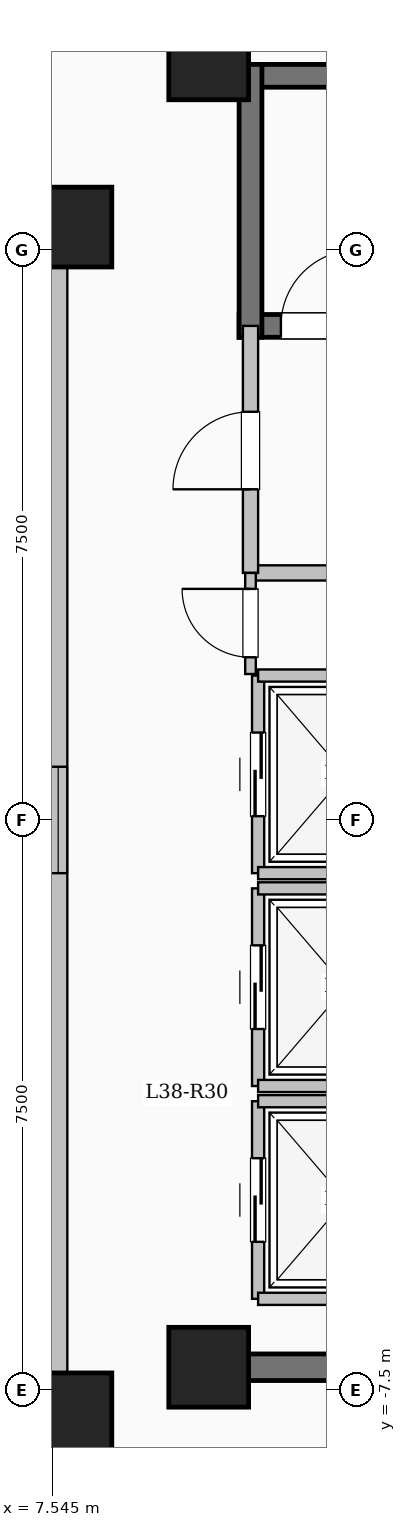
"""IFC4 building model, lengths in metres.
Left out: names, types, materials, properties, quantities, classifications, styles, units other than length and angle.
Written with IfcOpenShell. Run it as: python <this file> out.ifc"""

import sys

from ifc_helpers import new_model, si_unit, direction, frame, frame_2d, origin, origin_2d, place, context, subcontext, project, spatial, rectangle, extrude, element, fill, save


model = new_model("IFC4")
c1 = context("Model", 3, precision=1e-05, world=origin(), true_north=direction((0.0, 1.0)))
c2 = subcontext(c1, "Body", "Model", "MODEL_VIEW")
j1 = project(units=[si_unit("LENGTHUNIT", "METRE"), si_unit("PLANEANGLEUNIT", "RADIAN")], contexts=[c1])
p1 = place(None, origin())
s1 = spatial("IfcSite", under=j1, at=p1, CompositionType="ELEMENT")
p2 = place(p1, origin())
s2 = spatial("IfcBuilding", under=s1, at=p2, CompositionType="ELEMENT")
p3 = place(p2, frame((0.0, 0.0, 142.65)))
s3 = spatial("IfcBuildingStorey", under=s2, at=p3, CompositionType="ELEMENT", Elevation=142.65)
for number, where, z_axis, x_axis in (
    (1, (7.8, -7.8, 0.0), (0.0, 0.0, 1.0), (1.0, 0.0, 0.0)),
    (2, (7.8, 7.8, 0.0), (0.0, 0.0, 1.0), (1.0, 0.0, 0.0)),
    (3, (9.6, -7.2, 0.0), (0.0, 0.0, 1.0), (1.0, 0.0, 0.0)),
    (4, (9.6, 10.0, 0.0), (0.0, 0.0, 1.0), (1.0, 0.0, 0.0)),
):
    element("IfcColumn", number, at=place(p3, frame(where, z_axis=z_axis, x_axis=x_axis)), inside=s3, PredefinedType="COLUMN", context=c2, shape_type="SweptSolid", body=[
        extrude(rectangle(XDim=1.05, YDim=1.05, at=origin_2d()), origin(), (0.0, 0.0, 1.0), 3.35),
    ])
p4 = place(p3, frame((-7.62, -7.62, 0.0), z_axis=(0.0, 0.0, 1.0), x_axis=(1.0, 0.0, 0.0)))
e5 = element("IfcWall", 5, at=p4, inside=s3, PredefinedType="SOLIDWALL", context=c2, shape_type="SweptSolid", body=[
    extrude(rectangle(XDim=15.24, YDim=0.24, at=frame_2d((7.62, 0.0))), origin(), (0.0, 0.0, 1.0), 3.1),
])
p5 = place(p4, frame((6.92, 0.0, 0.95)))
e6 = element("IfcOpeningElement", 6, at=p5, cuts=e5, PredefinedType="OPENING", context=c2, shape_type="SweptSolid", body=[
    extrude(rectangle(XDim=1.4, YDim=1.5, at=frame_2d((0.7, 0.75))), frame((0.0, 0.13, 0.0), z_axis=(0.0, -1.0, 0.0), x_axis=(1.0, 0.0, 0.0)), (0.0, 0.0, 1.0), 0.26),
])
p6 = place(p3, frame((7.62, -7.62, 0.0), z_axis=(0.0, 0.0, 1.0), x_axis=(0.0, 1.0, 0.0)))
e7 = element("IfcWall", 7, at=p6, inside=s3, PredefinedType="SOLIDWALL", context=c2, shape_type="SweptSolid", body=[
    extrude(rectangle(XDim=15.24, YDim=0.24, at=frame_2d((7.62, 0.0))), origin(), (0.0, 0.0, 1.0), 3.1),
])
p7 = place(p6, frame((6.92, 0.0, 0.95)))
e8 = element("IfcOpeningElement", 8, at=p7, cuts=e7, PredefinedType="OPENING", context=c2, shape_type="SweptSolid", body=[
    extrude(rectangle(XDim=1.4, YDim=1.5, at=frame_2d((0.7, 0.75))), frame((0.0, 0.13, 0.0), z_axis=(0.0, -1.0, 0.0), x_axis=(1.0, 0.0, 0.0)), (0.0, 0.0, 1.0), 0.26),
])
p8 = place(p3, frame((7.62, 7.62, 0.0), z_axis=(0.0, 0.0, 1.0), x_axis=(-1.0, 0.0, 0.0)))
e9 = element("IfcWall", 9, at=p8, inside=s3, PredefinedType="SOLIDWALL", context=c2, shape_type="SweptSolid", body=[
    extrude(rectangle(XDim=15.24, YDim=0.24, at=frame_2d((7.62, 0.0))), origin(), (0.0, 0.0, 1.0), 3.1),
])
p9 = place(p8, frame((6.92, 0.0, 0.95)))
e10 = element("IfcOpeningElement", 10, at=p9, cuts=e9, PredefinedType="OPENING", context=c2, shape_type="SweptSolid", body=[
    extrude(rectangle(XDim=1.4, YDim=1.5, at=frame_2d((0.7, 0.75))), frame((0.0, 0.13, 0.0), z_axis=(0.0, -1.0, 0.0), x_axis=(1.0, 0.0, 0.0)), (0.0, 0.0, 1.0), 0.26),
])
p10 = place(p3, frame((10.0, 9.79, 0.0), z_axis=(0.0, 0.0, 1.0), x_axis=(1.0, 0.0, 0.0)))
e11 = element("IfcWall", 11, at=p10, inside=s3, PredefinedType="SHEAR", context=c2, shape_type="SweptSolid", body=[
    extrude(rectangle(XDim=8.0, YDim=0.3, at=frame_2d((4.0, 0.0))), origin(), (0.0, 0.0, 1.0), 3.35),
])
p11 = place(p3, frame((10.0, 6.5, 0.0), z_axis=(0.0, 0.0, 1.0), x_axis=(1.0, 0.0, 0.0)))
e12 = element("IfcWall", 12, at=p11, inside=s3, PredefinedType="SHEAR", context=c2, shape_type="SweptSolid", body=[
    extrude(rectangle(XDim=8.0, YDim=0.3, at=frame_2d((4.0, 0.0))), origin(), (0.0, 0.0, 1.0), 3.35),
])
p12 = place(p11, frame((0.55, 0.0, 0.0)))
e13 = element("IfcOpeningElement", 13, at=p12, cuts=e12, PredefinedType="OPENING", context=c2, shape_type="SweptSolid", body=[
    extrude(rectangle(XDim=1.0, YDim=2.15, at=frame_2d((0.5, 1.075))), frame((0.0, 0.16, 0.0), z_axis=(0.0, -1.0, 0.0), x_axis=(1.0, 0.0, 0.0)), (0.0, 0.0, 1.0), 0.32),
])
p13 = place(p3, frame((10.15, 6.35, 0.0), z_axis=(0.0, 0.0, 1.0), x_axis=(0.0, 1.0, 0.0)))
e14 = element("IfcWall", 14, at=p13, inside=s3, PredefinedType="SHEAR", context=c2, shape_type="SweptSolid", body=[
    extrude(rectangle(XDim=3.59, YDim=0.3, at=frame_2d((1.795, 0.0))), origin(), (0.0, 0.0, 1.0), 3.35),
])
p14 = place(p3, frame((10.15, 3.25, 0.0), z_axis=(0.0, 0.0, 1.0), x_axis=(1.0, 0.0, 0.0)))
e15 = element("IfcWall", 15, at=p14, inside=s3, PredefinedType="SOLIDWALL", context=c2, shape_type="SweptSolid", body=[
    extrude(rectangle(XDim=5.4, YDim=0.2, at=frame_2d((2.7, 0.0))), origin(), (0.0, 0.0, 1.0), 3.1),
])
p15 = place(p3, frame((10.15, 3.25, 0.0), z_axis=(0.0, 0.0, 1.0), x_axis=(0.0, 1.0, 0.0)))
e16 = element("IfcWall", 16, at=p15, inside=s3, PredefinedType="SOLIDWALL", context=c2, shape_type="SweptSolid", body=[
    extrude(rectangle(XDim=3.25, YDim=0.2, at=frame_2d((1.625, 0.0))), origin(), (0.0, 0.0, 1.0), 3.1),
])
p16 = place(p15, frame((1.1, 0.0, 0.0)))
e17 = element("IfcOpeningElement", 17, at=p16, cuts=e16, PredefinedType="OPENING", context=c2, shape_type="SweptSolid", body=[
    extrude(rectangle(XDim=1.02, YDim=2.15, at=frame_2d((0.51, 1.075))), frame((0.0, 0.11, 0.0), z_axis=(0.0, -1.0, 0.0), x_axis=(1.0, 0.0, 0.0)), (0.0, 0.0, 1.0), 0.22),
])
p17 = place(p3, frame((10.25, -6.3, 0.0), z_axis=(0.0, 0.0, 1.0), x_axis=(0.0, 1.0, 0.0)))
e18 = element("IfcWall", 18, at=p17, inside=s3, PredefinedType="SOLIDWALL", context=c2, shape_type="SweptSolid", body=[
    extrude(rectangle(XDim=2.6, YDim=0.16, at=frame_2d((1.3, 0.0))), origin(), (0.0, 0.0, 1.0), 3.1),
])
p18 = place(p17, frame((0.75, 0.0, 0.0)))
e19 = element("IfcOpeningElement", 19, at=p18, cuts=e18, PredefinedType="OPENING", context=c2, shape_type="SweptSolid", body=[
    extrude(rectangle(XDim=1.1, YDim=2.15, at=frame_2d((0.55, 1.075))), frame((0.0, 0.09, 0.0), z_axis=(0.0, -1.0, 0.0), x_axis=(1.0, 0.0, 0.0)), (0.0, 0.0, 1.0), 0.18),
])
for number, where, z_axis, x_axis in (
    (20, (10.25, -6.3, 0.0), (0.0, 0.0, 1.0), (1.0, 0.0, 0.0)),
    (21, (10.25, -3.7, 0.0), (0.0, 0.0, 1.0), (1.0, 0.0, 0.0)),
):
    element("IfcWall", number, at=place(p3, frame(where, z_axis=z_axis, x_axis=x_axis)), inside=s3, PredefinedType="SOLIDWALL", context=c2, shape_type="SweptSolid", body=[
        extrude(rectangle(XDim=2.3, YDim=0.16, at=frame_2d((1.15, 0.0))), origin(), (0.0, 0.0, 1.0), 3.1),
    ])
p19 = place(p3, frame((10.25, -3.5, 0.0), z_axis=(0.0, 0.0, 1.0), x_axis=(0.0, 1.0, 0.0)))
e22 = element("IfcWall", 22, at=p19, inside=s3, PredefinedType="SOLIDWALL", context=c2, shape_type="SweptSolid", body=[
    extrude(rectangle(XDim=2.6, YDim=0.16, at=frame_2d((1.3, 0.0))), origin(), (0.0, 0.0, 1.0), 3.1),
])
p20 = place(p19, frame((0.75, 0.0, 0.0)))
e23 = element("IfcOpeningElement", 23, at=p20, cuts=e22, PredefinedType="OPENING", context=c2, shape_type="SweptSolid", body=[
    extrude(rectangle(XDim=1.1, YDim=2.15, at=frame_2d((0.55, 1.075))), frame((0.0, 0.09, 0.0), z_axis=(0.0, -1.0, 0.0), x_axis=(1.0, 0.0, 0.0)), (0.0, 0.0, 1.0), 0.18),
])
for number, where, z_axis, x_axis in (
    (24, (10.25, -3.5, 0.0), (0.0, 0.0, 1.0), (1.0, 0.0, 0.0)),
    (25, (10.25, -0.9, 0.0), (0.0, 0.0, 1.0), (1.0, 0.0, 0.0)),
):
    element("IfcWall", number, at=place(p3, frame(where, z_axis=z_axis, x_axis=x_axis)), inside=s3, PredefinedType="SOLIDWALL", context=c2, shape_type="SweptSolid", body=[
        extrude(rectangle(XDim=2.3, YDim=0.16, at=frame_2d((1.15, 0.0))), origin(), (0.0, 0.0, 1.0), 3.1),
    ])
p21 = place(p3, frame((10.25, -0.7, 0.0), z_axis=(0.0, 0.0, 1.0), x_axis=(0.0, 1.0, 0.0)))
e26 = element("IfcWall", 26, at=p21, inside=s3, PredefinedType="SOLIDWALL", context=c2, shape_type="SweptSolid", body=[
    extrude(rectangle(XDim=2.6, YDim=0.16, at=frame_2d((1.3, 0.0))), origin(), (0.0, 0.0, 1.0), 3.1),
])
p22 = place(p21, frame((0.75, 0.0, 0.0)))
e27 = element("IfcOpeningElement", 27, at=p22, cuts=e26, PredefinedType="OPENING", context=c2, shape_type="SweptSolid", body=[
    extrude(rectangle(XDim=1.1, YDim=2.15, at=frame_2d((0.55, 1.075))), frame((0.0, 0.09, 0.0), z_axis=(0.0, -1.0, 0.0), x_axis=(1.0, 0.0, 0.0)), (0.0, 0.0, 1.0), 0.18),
])
for number, where, z_axis, x_axis in (
    (28, (10.25, -0.7, 0.0), (0.0, 0.0, 1.0), (1.0, 0.0, 0.0)),
    (29, (10.25, 1.9, 0.0), (0.0, 0.0, 1.0), (1.0, 0.0, 0.0)),
):
    element("IfcWall", number, at=place(p3, frame(where, z_axis=z_axis, x_axis=x_axis)), inside=s3, PredefinedType="SOLIDWALL", context=c2, shape_type="SweptSolid", body=[
        extrude(rectangle(XDim=2.3, YDim=0.16, at=frame_2d((1.15, 0.0))), origin(), (0.0, 0.0, 1.0), 3.1),
    ])
p23 = place(p3, frame((10.075, -7.2, 0.0), z_axis=(0.0, 0.0, 1.0), x_axis=(1.0, 0.0, 0.0)))
e30 = element("IfcWall", 30, at=p23, inside=s3, PredefinedType="SHEAR", context=c2, shape_type="SweptSolid", body=[
    extrude(rectangle(XDim=8.55, YDim=0.35, at=frame_2d((4.275, 0.0))), origin(), (0.0, 0.0, 1.0), 3.35),
])
p24 = place(p3, frame((10.15, 1.92, 0.0), z_axis=(0.0, 0.0, 1.0), x_axis=(0.0, 1.0, 0.0)))
e31 = element("IfcWall", 31, at=p24, inside=s3, PredefinedType="PARTITIONING", context=c2, shape_type="SweptSolid", body=[
    extrude(rectangle(XDim=1.33, YDim=0.14, at=frame_2d((0.665, 0.0))), origin(), (0.0, 0.0, 1.0), 3.1),
])
p25 = place(p24, frame((0.22, 0.0, 0.0)))
e32 = element("IfcOpeningElement", 32, at=p25, cuts=e31, PredefinedType="OPENING", context=c2, shape_type="SweptSolid", body=[
    extrude(rectangle(XDim=0.9, YDim=2.08, at=frame_2d((0.45, 1.04))), frame((0.0, 0.08, 0.0), z_axis=(0.0, -1.0, 0.0), x_axis=(1.0, 0.0, 0.0)), (0.0, 0.0, 1.0), 0.16),
])
p26 = place(p7, origin())
e33 = element("IfcWindow", 33, at=p26, inside=s3, PartitioningType="SINGLE_PANEL", PredefinedType="WINDOW", context=c2, shape_type="SweptSolid", body=[
    extrude(rectangle(XDim=1.4, YDim=1.5, at=frame_2d((0.7, 0.75))), frame((0.0, 0.03, 0.0), z_axis=(0.0, -1.0, 0.0), x_axis=(1.0, 0.0, 0.0)), (0.0, 0.0, 1.0), 0.06),
])
fill(e8, e33)
p27 = place(p12, origin())
e34 = element("IfcDoor", 34, at=p27, inside=s3, OperationType="SINGLE_SWING_RIGHT", PredefinedType="DOOR", context=c2, shape_type="SweptSolid", body=[
    extrude(rectangle(XDim=1.0, YDim=2.15, at=frame_2d((0.5, 1.075))), frame((0.0, 0.025, 0.0), z_axis=(0.0, -1.0, 0.0), x_axis=(1.0, 0.0, 0.0)), (0.0, 0.0, 1.0), 0.05),
])
fill(e13, e34)
p28 = place(p16, origin())
e35 = element("IfcDoor", 35, at=p28, inside=s3, OperationType="SINGLE_SWING_LEFT", PredefinedType="DOOR", context=c2, shape_type="SweptSolid", body=[
    extrude(rectangle(XDim=1.02, YDim=2.15, at=frame_2d((0.51, 1.075))), frame((0.0, 0.025, 0.0), z_axis=(0.0, -1.0, 0.0), x_axis=(1.0, 0.0, 0.0)), (0.0, 0.0, 1.0), 0.05),
])
fill(e17, e35)
p29 = place(p18, origin())
e36 = element("IfcDoor", 36, at=p29, inside=s3, OperationType="SLIDING_TO_LEFT", PredefinedType="DOOR", context=c2, shape_type="SweptSolid", body=[
    extrude(rectangle(XDim=1.1, YDim=2.15, at=frame_2d((0.55, 1.075))), frame((0.0, 0.025, 0.0), z_axis=(0.0, -1.0, 0.0), x_axis=(1.0, 0.0, 0.0)), (0.0, 0.0, 1.0), 0.05),
])
fill(e19, e36)
p30 = place(p20, origin())
e37 = element("IfcDoor", 37, at=p30, inside=s3, OperationType="SLIDING_TO_LEFT", PredefinedType="DOOR", context=c2, shape_type="SweptSolid", body=[
    extrude(rectangle(XDim=1.1, YDim=2.15, at=frame_2d((0.55, 1.075))), frame((0.0, 0.025, 0.0), z_axis=(0.0, -1.0, 0.0), x_axis=(1.0, 0.0, 0.0)), (0.0, 0.0, 1.0), 0.05),
])
fill(e23, e37)
p31 = place(p22, origin())
e38 = element("IfcDoor", 38, at=p31, inside=s3, OperationType="SLIDING_TO_LEFT", PredefinedType="DOOR", context=c2, shape_type="SweptSolid", body=[
    extrude(rectangle(XDim=1.1, YDim=2.15, at=frame_2d((0.55, 1.075))), frame((0.0, 0.025, 0.0), z_axis=(0.0, -1.0, 0.0), x_axis=(1.0, 0.0, 0.0)), (0.0, 0.0, 1.0), 0.05),
])
fill(e27, e38)
p32 = place(p25, origin())
e39 = element("IfcDoor", 39, at=p32, inside=s3, OperationType="SINGLE_SWING_RIGHT", PredefinedType="DOOR", context=c2, shape_type="SweptSolid", body=[
    extrude(rectangle(XDim=0.9, YDim=2.08, at=frame_2d((0.45, 1.04))), frame((0.0, 0.025, 0.0), z_axis=(0.0, -1.0, 0.0), x_axis=(1.0, 0.0, 0.0)), (0.0, 0.0, 1.0), 0.05),
])
fill(e32, e39)
save(model, sys.argv[1])

--- Task statement ---
Your reply should consist only of the lines from the one containing "fill(e23, e37)" through the last line of the records, each reproduced exactly.

--- Expected answer ---
fill(e23, e37)
p31 = place(p22, origin())
e38 = element("IfcDoor", 38, at=p31, inside=s3, OperationType="SLIDING_TO_LEFT", PredefinedType="DOOR", context=c2, shape_type="SweptSolid", body=[
    extrude(rectangle(XDim=1.1, YDim=2.15, at=frame_2d((0.55, 1.075))), frame((0.0, 0.025, 0.0), z_axis=(0.0, -1.0, 0.0), x_axis=(1.0, 0.0, 0.0)), (0.0, 0.0, 1.0), 0.05),
])
fill(e27, e38)
p32 = place(p25, origin())
e39 = element("IfcDoor", 39, at=p32, inside=s3, OperationType="SINGLE_SWING_RIGHT", PredefinedType="DOOR", context=c2, shape_type="SweptSolid", body=[
    extrude(rectangle(XDim=0.9, YDim=2.08, at=frame_2d((0.45, 1.04))), frame((0.0, 0.025, 0.0), z_axis=(0.0, -1.0, 0.0), x_axis=(1.0, 0.0, 0.0)), (0.0, 0.0, 1.0), 0.05),
])
fill(e32, e39)
save(model, sys.argv[1])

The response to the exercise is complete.